# [AIM OF THE TASK]
Skip all pictures, then copy the lines from the start of the data through the line with "from ifc_helpers import", keeping both ends.

# [DATA TO USE]
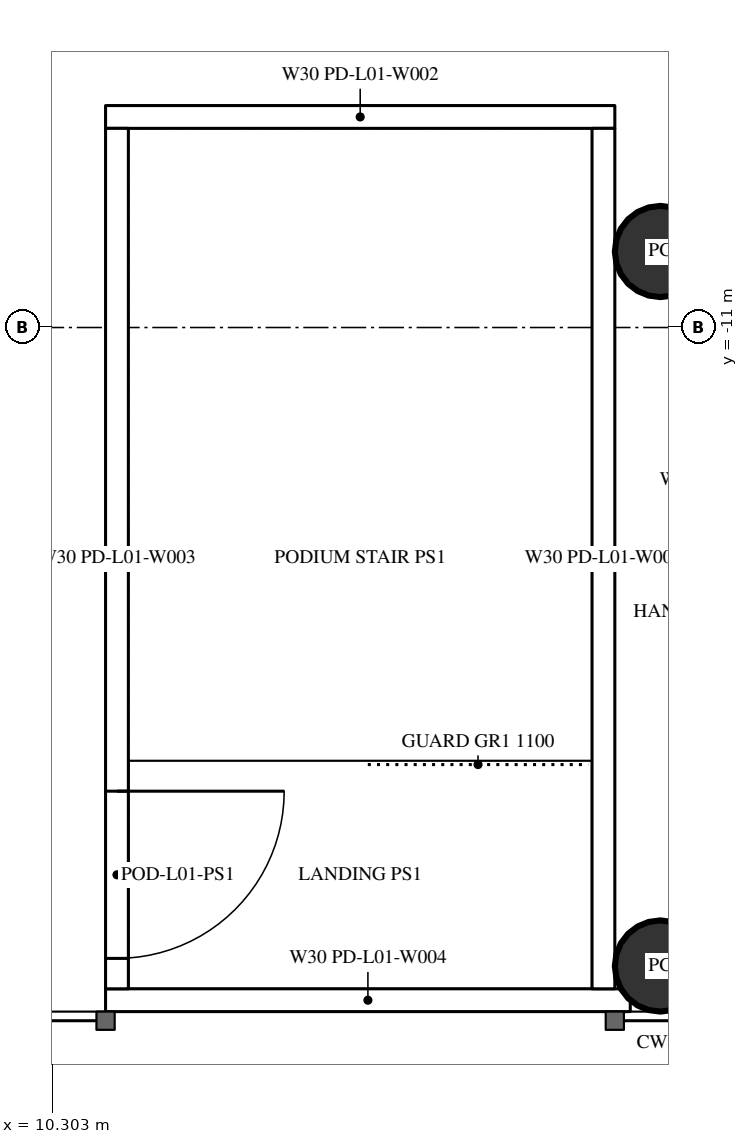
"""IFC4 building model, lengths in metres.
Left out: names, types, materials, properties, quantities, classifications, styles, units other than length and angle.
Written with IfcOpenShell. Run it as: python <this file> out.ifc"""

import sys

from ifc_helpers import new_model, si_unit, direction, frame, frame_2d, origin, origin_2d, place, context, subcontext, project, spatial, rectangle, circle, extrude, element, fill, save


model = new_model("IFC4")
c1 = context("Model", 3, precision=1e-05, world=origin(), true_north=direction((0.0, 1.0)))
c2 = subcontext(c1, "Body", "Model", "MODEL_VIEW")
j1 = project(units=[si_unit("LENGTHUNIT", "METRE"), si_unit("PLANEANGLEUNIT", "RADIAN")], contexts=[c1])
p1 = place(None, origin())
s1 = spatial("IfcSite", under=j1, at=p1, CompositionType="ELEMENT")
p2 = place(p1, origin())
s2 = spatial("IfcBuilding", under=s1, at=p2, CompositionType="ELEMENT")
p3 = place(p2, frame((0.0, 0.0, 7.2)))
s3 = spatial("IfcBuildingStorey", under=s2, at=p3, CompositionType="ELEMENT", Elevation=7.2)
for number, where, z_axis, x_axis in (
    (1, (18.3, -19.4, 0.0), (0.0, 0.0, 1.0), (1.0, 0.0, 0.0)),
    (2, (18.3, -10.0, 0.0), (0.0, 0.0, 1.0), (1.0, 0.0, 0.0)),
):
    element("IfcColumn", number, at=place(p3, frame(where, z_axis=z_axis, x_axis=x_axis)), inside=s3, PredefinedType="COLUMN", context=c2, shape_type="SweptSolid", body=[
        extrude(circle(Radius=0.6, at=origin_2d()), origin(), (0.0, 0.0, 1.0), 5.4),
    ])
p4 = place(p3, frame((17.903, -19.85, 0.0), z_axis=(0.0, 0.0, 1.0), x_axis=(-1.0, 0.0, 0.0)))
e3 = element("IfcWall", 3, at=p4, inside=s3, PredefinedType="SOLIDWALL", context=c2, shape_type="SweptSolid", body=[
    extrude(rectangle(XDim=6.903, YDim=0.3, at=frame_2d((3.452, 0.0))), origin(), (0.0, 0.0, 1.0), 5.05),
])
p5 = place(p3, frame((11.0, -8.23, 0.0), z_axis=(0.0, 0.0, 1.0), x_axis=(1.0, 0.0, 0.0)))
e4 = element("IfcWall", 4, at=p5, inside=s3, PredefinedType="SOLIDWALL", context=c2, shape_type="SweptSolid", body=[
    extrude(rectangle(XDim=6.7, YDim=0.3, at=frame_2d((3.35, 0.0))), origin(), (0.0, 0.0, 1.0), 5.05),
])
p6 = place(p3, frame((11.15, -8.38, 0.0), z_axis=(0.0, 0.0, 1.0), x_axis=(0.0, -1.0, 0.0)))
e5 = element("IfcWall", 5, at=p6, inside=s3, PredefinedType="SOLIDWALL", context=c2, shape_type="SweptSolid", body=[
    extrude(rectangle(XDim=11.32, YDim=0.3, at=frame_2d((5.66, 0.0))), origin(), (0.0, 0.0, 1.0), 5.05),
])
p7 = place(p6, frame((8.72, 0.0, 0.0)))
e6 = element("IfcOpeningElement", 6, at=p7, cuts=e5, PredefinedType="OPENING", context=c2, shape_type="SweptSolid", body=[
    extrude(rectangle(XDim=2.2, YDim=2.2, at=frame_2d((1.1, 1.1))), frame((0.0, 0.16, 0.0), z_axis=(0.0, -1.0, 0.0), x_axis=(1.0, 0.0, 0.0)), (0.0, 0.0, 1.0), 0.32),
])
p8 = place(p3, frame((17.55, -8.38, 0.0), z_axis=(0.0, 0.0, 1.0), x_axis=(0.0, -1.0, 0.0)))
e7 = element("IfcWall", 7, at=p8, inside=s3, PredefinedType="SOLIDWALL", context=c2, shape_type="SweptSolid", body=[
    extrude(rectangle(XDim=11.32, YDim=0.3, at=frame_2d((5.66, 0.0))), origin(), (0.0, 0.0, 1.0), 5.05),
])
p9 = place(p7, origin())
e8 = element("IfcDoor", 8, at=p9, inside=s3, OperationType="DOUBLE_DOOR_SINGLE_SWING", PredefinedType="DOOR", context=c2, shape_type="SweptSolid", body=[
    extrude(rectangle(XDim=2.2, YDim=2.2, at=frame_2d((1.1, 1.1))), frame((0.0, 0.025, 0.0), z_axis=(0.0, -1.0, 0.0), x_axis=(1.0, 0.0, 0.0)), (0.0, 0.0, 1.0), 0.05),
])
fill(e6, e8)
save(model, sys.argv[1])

# [YOUR SOLUTION]
"""IFC4 building model, lengths in metres.
Left out: names, types, materials, properties, quantities, classifications, styles, units other than length and angle.
Written with IfcOpenShell. Run it as: python <this file> out.ifc"""

import sys

from ifc_helpers import new_model, si_unit, direction, frame, frame_2d, origin, origin_2d, place, context, subcontext, project, spatial, rectangle, circle, extrude, element, fill, save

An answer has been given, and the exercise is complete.